[Records excerpted from a collection]
════════════════════
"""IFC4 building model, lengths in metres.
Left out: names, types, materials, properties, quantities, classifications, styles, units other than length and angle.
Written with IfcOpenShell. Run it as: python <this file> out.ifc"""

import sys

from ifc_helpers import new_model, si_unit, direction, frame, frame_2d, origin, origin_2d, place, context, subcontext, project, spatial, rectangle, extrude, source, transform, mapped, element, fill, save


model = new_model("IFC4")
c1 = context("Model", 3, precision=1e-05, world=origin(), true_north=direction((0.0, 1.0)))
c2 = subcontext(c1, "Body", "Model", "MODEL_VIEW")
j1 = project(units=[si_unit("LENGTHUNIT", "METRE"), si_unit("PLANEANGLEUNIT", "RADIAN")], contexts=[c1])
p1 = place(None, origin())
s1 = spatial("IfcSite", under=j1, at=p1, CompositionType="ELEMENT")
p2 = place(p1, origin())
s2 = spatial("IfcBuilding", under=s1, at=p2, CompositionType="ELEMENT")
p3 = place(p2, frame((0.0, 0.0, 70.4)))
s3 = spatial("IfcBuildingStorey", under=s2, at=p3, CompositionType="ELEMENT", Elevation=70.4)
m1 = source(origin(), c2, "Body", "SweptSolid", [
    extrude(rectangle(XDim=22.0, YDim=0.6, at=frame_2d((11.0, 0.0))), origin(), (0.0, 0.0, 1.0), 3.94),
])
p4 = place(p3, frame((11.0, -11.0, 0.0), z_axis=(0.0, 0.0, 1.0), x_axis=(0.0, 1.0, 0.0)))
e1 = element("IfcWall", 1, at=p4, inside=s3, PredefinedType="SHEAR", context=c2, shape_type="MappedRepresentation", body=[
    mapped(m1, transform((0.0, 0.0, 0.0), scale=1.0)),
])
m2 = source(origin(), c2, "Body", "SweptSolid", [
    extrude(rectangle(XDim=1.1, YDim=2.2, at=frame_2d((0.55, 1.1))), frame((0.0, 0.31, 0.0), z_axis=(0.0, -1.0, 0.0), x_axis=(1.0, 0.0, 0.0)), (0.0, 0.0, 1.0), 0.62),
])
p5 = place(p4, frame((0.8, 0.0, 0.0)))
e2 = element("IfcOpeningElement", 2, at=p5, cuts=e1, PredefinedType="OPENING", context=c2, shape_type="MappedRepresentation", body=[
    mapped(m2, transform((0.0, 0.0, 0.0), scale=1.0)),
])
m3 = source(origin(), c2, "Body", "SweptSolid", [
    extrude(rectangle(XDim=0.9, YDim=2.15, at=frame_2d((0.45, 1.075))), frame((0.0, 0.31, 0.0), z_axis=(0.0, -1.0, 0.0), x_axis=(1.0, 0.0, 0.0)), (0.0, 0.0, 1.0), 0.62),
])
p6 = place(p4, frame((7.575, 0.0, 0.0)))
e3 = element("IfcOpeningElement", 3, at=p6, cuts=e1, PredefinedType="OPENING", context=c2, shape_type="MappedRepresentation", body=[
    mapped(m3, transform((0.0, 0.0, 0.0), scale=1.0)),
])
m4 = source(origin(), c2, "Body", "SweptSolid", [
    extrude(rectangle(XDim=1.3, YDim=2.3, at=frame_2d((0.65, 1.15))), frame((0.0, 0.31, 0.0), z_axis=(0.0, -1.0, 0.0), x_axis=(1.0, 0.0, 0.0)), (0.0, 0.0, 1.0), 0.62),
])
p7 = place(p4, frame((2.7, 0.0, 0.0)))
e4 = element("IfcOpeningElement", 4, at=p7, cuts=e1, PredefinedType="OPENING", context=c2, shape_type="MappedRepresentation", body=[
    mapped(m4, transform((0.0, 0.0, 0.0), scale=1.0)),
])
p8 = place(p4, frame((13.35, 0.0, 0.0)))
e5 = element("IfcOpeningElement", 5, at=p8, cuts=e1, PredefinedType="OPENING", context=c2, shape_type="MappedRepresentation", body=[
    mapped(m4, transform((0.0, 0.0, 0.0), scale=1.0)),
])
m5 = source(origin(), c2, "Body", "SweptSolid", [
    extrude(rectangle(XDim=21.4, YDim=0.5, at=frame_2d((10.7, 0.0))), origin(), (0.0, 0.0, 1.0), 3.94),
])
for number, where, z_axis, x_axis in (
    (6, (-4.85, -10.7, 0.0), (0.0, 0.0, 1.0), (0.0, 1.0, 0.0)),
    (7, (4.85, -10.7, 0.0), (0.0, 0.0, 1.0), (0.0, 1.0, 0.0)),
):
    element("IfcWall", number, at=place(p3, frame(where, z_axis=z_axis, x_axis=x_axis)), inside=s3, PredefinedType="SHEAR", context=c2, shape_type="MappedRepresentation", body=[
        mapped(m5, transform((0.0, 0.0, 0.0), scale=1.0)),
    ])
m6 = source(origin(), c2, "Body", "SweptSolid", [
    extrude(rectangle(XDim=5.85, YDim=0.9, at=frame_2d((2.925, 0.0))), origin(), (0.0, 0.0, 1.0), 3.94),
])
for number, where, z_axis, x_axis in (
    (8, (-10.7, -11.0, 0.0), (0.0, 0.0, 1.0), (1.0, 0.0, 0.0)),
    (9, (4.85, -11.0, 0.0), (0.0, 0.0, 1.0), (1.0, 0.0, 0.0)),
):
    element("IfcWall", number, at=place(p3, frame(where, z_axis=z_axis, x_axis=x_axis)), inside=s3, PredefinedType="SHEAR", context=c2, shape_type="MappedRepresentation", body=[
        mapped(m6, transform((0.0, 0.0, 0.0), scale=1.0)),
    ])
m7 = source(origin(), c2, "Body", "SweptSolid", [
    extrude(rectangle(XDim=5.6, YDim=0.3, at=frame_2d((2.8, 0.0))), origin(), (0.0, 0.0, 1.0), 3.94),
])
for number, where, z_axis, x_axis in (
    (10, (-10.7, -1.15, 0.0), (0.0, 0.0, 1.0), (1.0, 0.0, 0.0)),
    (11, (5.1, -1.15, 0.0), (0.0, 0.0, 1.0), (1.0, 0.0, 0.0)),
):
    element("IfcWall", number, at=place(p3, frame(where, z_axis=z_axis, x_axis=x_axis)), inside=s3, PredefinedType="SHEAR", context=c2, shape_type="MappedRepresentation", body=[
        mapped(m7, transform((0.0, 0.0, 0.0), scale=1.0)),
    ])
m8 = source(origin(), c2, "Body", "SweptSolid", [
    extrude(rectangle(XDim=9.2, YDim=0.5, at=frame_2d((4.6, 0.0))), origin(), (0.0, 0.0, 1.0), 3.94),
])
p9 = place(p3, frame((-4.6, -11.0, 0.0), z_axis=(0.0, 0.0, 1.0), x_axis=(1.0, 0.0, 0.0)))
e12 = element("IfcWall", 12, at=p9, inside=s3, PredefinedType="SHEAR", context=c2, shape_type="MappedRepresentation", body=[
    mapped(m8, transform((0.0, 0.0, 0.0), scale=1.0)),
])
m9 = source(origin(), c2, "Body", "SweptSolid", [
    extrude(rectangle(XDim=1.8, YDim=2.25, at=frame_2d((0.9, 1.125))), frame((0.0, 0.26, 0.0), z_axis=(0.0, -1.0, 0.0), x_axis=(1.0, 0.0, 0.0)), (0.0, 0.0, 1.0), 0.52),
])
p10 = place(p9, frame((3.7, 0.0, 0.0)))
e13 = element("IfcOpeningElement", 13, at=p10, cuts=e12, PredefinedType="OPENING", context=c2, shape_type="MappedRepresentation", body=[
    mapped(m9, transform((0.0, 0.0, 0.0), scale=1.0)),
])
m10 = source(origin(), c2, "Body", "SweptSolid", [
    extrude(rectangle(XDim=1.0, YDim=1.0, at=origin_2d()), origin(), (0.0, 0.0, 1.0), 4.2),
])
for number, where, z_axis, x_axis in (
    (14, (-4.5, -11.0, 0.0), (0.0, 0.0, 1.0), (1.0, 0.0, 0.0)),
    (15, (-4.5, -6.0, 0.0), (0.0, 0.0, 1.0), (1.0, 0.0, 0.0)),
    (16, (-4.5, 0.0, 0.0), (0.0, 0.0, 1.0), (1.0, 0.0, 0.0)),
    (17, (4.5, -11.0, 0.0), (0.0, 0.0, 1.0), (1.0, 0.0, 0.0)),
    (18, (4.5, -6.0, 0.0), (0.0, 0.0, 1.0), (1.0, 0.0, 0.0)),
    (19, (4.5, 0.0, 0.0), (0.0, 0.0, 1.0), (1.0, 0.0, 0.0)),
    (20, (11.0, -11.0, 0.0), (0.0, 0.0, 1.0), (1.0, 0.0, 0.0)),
════════════════════
Among the lines above, find those containing the word "direction" and copy each.

EXERCISE OUTPUT:
from ifc_helpers import new_model, si_unit, direction, frame, frame_2d, origin, origin_2d, place, context, subcontext, project, spatial, rectangle, extrude, source, transform, mapped, element, fill, save
c1 = context("Model", 3, precision=1e-05, world=origin(), true_north=direction((0.0, 1.0)))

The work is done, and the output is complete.